# What the task asks
An exact reproduction of the records is required, with all pictures omitted.

##### Dataset records #####

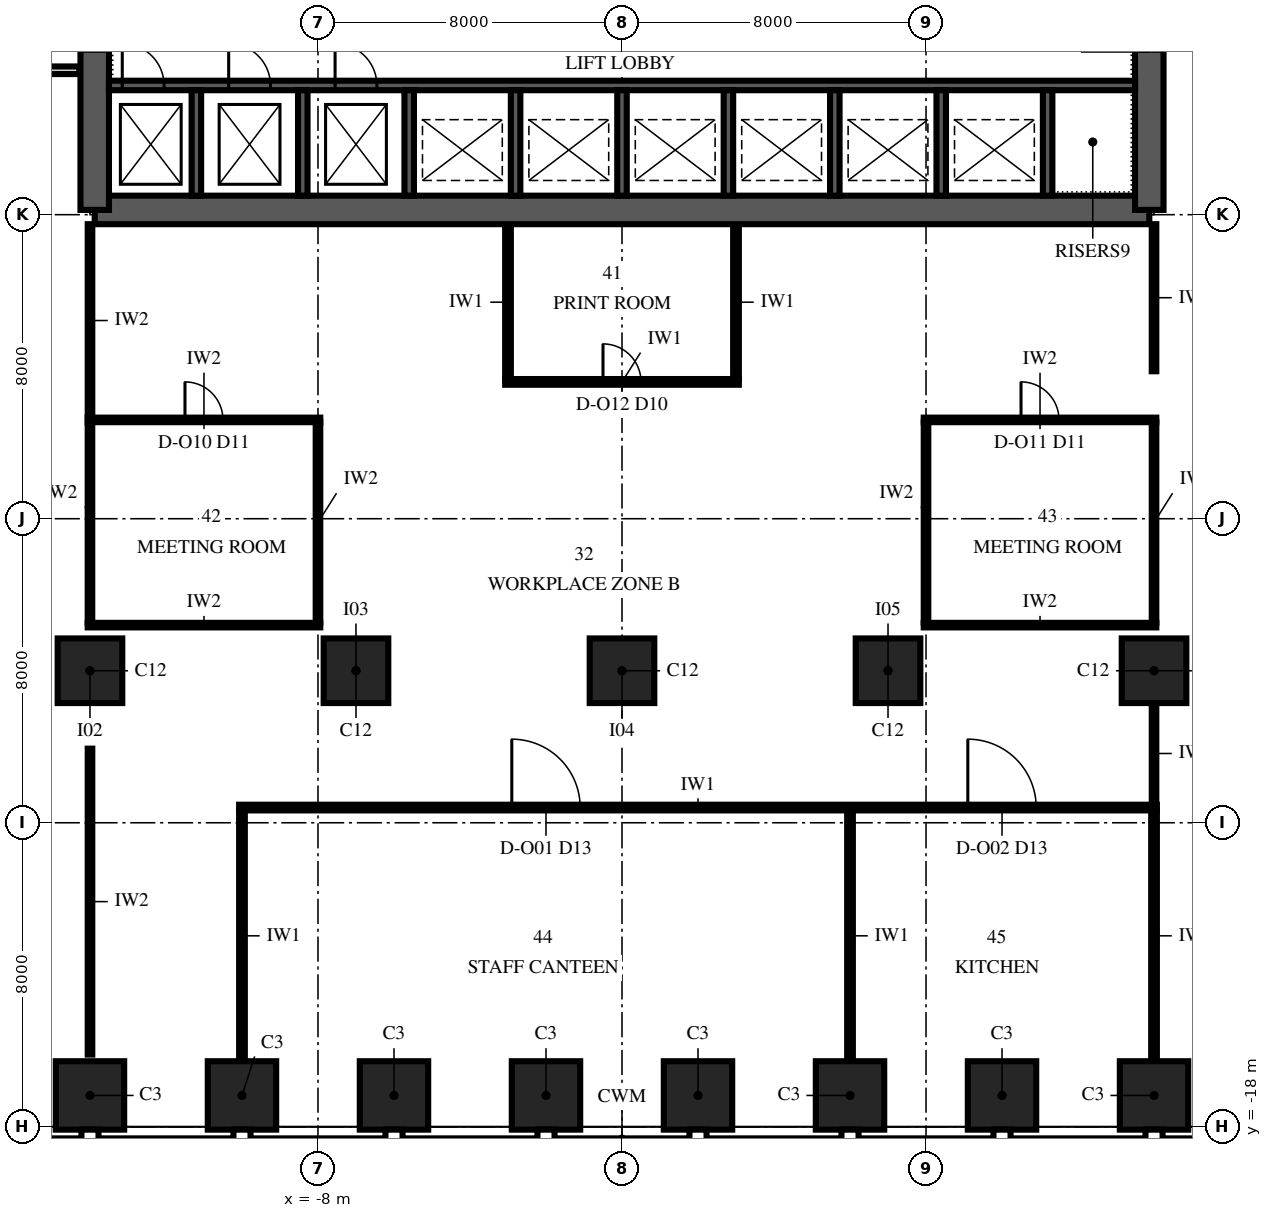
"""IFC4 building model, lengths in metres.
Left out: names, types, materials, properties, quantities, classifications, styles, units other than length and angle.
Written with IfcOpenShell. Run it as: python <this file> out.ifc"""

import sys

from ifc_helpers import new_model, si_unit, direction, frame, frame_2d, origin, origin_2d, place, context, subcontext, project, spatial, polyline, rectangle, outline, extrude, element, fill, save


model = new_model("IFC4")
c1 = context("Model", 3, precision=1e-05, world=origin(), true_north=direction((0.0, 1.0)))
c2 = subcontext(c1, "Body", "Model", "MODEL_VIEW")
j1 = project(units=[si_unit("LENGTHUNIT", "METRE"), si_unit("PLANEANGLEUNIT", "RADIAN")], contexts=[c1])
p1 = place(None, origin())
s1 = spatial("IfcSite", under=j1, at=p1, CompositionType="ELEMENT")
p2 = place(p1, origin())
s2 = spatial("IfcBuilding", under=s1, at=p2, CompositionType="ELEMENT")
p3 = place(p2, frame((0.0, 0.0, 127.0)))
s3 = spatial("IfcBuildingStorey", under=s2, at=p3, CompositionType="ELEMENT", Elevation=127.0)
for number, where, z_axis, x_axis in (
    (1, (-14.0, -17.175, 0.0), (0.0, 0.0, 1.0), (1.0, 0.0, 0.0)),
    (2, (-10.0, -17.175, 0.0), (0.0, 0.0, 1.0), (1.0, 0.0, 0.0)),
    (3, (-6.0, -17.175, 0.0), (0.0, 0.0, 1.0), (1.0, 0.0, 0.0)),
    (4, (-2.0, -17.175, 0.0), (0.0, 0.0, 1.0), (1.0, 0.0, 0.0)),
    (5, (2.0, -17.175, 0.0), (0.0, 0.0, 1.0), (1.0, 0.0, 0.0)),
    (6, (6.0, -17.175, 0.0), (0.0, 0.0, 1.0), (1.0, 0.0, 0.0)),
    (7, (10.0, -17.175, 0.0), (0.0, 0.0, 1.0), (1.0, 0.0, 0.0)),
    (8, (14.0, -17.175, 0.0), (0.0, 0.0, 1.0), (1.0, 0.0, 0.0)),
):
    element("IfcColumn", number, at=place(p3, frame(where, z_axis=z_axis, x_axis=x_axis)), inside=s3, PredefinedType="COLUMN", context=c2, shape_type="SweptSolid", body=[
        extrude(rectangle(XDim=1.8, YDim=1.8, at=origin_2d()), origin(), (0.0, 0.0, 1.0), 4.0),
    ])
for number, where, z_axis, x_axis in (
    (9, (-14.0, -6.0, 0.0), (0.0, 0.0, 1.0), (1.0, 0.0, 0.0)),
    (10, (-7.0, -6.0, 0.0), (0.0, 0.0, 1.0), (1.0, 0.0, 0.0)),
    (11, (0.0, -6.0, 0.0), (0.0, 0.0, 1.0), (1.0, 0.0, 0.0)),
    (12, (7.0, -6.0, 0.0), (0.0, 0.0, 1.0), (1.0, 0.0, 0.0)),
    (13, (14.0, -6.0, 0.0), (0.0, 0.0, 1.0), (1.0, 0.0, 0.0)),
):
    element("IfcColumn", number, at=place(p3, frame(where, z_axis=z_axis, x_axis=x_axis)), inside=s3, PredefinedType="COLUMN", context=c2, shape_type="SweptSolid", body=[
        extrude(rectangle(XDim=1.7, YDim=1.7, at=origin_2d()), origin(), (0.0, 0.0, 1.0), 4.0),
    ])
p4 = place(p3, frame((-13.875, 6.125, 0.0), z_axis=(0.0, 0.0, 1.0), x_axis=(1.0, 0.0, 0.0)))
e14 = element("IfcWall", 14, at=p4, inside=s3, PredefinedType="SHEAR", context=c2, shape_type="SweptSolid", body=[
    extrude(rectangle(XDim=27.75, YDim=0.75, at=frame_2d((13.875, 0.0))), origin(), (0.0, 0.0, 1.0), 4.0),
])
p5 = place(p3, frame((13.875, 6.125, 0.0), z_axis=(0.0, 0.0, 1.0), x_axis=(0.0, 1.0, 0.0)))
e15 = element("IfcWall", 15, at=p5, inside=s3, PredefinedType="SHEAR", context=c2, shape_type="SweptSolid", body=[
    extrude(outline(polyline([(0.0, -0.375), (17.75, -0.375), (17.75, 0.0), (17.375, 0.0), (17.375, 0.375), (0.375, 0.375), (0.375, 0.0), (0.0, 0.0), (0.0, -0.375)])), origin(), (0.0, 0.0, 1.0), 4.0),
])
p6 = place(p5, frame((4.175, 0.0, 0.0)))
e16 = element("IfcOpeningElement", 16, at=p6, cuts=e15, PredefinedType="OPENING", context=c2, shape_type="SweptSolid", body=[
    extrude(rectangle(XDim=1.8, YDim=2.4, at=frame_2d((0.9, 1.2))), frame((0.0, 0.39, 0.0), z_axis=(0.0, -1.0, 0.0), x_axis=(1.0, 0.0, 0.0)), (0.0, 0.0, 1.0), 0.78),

#####

# Reply to the task
"""IFC4 building model, lengths in metres.
Left out: names, types, materials, properties, quantities, classifications, styles, units other than length and angle.
Written with IfcOpenShell. Run it as: python <this file> out.ifc"""

import sys

from ifc_helpers import new_model, si_unit, direction, frame, frame_2d, origin, origin_2d, place, context, subcontext, project, spatial, polyline, rectangle, outline, extrude, element, fill, save


model = new_model("IFC4")
c1 = context("Model", 3, precision=1e-05, world=origin(), true_north=direction((0.0, 1.0)))
c2 = subcontext(c1, "Body", "Model", "MODEL_VIEW")
j1 = project(units=[si_unit("LENGTHUNIT", "METRE"), si_unit("PLANEANGLEUNIT", "RADIAN")], contexts=[c1])
p1 = place(None, origin())
s1 = spatial("IfcSite", under=j1, at=p1, CompositionType="ELEMENT")
p2 = place(p1, origin())
s2 = spatial("IfcBuilding", under=s1, at=p2, CompositionType="ELEMENT")
p3 = place(p2, frame((0.0, 0.0, 127.0)))
s3 = spatial("IfcBuildingStorey", under=s2, at=p3, CompositionType="ELEMENT", Elevation=127.0)
for number, where, z_axis, x_axis in (
    (1, (-14.0, -17.175, 0.0), (0.0, 0.0, 1.0), (1.0, 0.0, 0.0)),
    (2, (-10.0, -17.175, 0.0), (0.0, 0.0, 1.0), (1.0, 0.0, 0.0)),
    (3, (-6.0, -17.175, 0.0), (0.0, 0.0, 1.0), (1.0, 0.0, 0.0)),
    (4, (-2.0, -17.175, 0.0), (0.0, 0.0, 1.0), (1.0, 0.0, 0.0)),
    (5, (2.0, -17.175, 0.0), (0.0, 0.0, 1.0), (1.0, 0.0, 0.0)),
    (6, (6.0, -17.175, 0.0), (0.0, 0.0, 1.0), (1.0, 0.0, 0.0)),
    (7, (10.0, -17.175, 0.0), (0.0, 0.0, 1.0), (1.0, 0.0, 0.0)),
    (8, (14.0, -17.175, 0.0), (0.0, 0.0, 1.0), (1.0, 0.0, 0.0)),
):
    element("IfcColumn", number, at=place(p3, frame(where, z_axis=z_axis, x_axis=x_axis)), inside=s3, PredefinedType="COLUMN", context=c2, shape_type="SweptSolid", body=[
        extrude(rectangle(XDim=1.8, YDim=1.8, at=origin_2d()), origin(), (0.0, 0.0, 1.0), 4.0),
    ])
for number, where, z_axis, x_axis in (
    (9, (-14.0, -6.0, 0.0), (0.0, 0.0, 1.0), (1.0, 0.0, 0.0)),
    (10, (-7.0, -6.0, 0.0), (0.0, 0.0, 1.0), (1.0, 0.0, 0.0)),
    (11, (0.0, -6.0, 0.0), (0.0, 0.0, 1.0), (1.0, 0.0, 0.0)),
    (12, (7.0, -6.0, 0.0), (0.0, 0.0, 1.0), (1.0, 0.0, 0.0)),
    (13, (14.0, -6.0, 0.0), (0.0, 0.0, 1.0), (1.0, 0.0, 0.0)),
):
    element("IfcColumn", number, at=place(p3, frame(where, z_axis=z_axis, x_axis=x_axis)), inside=s3, PredefinedType="COLUMN", context=c2, shape_type="SweptSolid", body=[
        extrude(rectangle(XDim=1.7, YDim=1.7, at=origin_2d()), origin(), (0.0, 0.0, 1.0), 4.0),
    ])
p4 = place(p3, frame((-13.875, 6.125, 0.0), z_axis=(0.0, 0.0, 1.0), x_axis=(1.0, 0.0, 0.0)))
e14 = element("IfcWall", 14, at=p4, inside=s3, PredefinedType="SHEAR", context=c2, shape_type="SweptSolid", body=[
    extrude(rectangle(XDim=27.75, YDim=0.75, at=frame_2d((13.875, 0.0))), origin(), (0.0, 0.0, 1.0), 4.0),
])
p5 = place(p3, frame((13.875, 6.125, 0.0), z_axis=(0.0, 0.0, 1.0), x_axis=(0.0, 1.0, 0.0)))
e15 = element("IfcWall", 15, at=p5, inside=s3, PredefinedType="SHEAR", context=c2, shape_type="SweptSolid", body=[
    extrude(outline(polyline([(0.0, -0.375), (17.75, -0.375), (17.75, 0.0), (17.375, 0.0), (17.375, 0.375), (0.375, 0.375), (0.375, 0.0), (0.0, 0.0), (0.0, -0.375)])), origin(), (0.0, 0.0, 1.0), 4.0),
])
p6 = place(p5, frame((4.175, 0.0, 0.0)))
e16 = element("IfcOpeningElement", 16, at=p6, cuts=e15, PredefinedType="OPENING", context=c2, shape_type="SweptSolid", body=[
    extrude(rectangle(XDim=1.8, YDim=2.4, at=frame_2d((0.9, 1.2))), frame((0.0, 0.39, 0.0), z_axis=(0.0, -1.0, 0.0), x_axis=(1.0, 0.0, 0.0)), (0.0, 0.0, 1.0), 0.78),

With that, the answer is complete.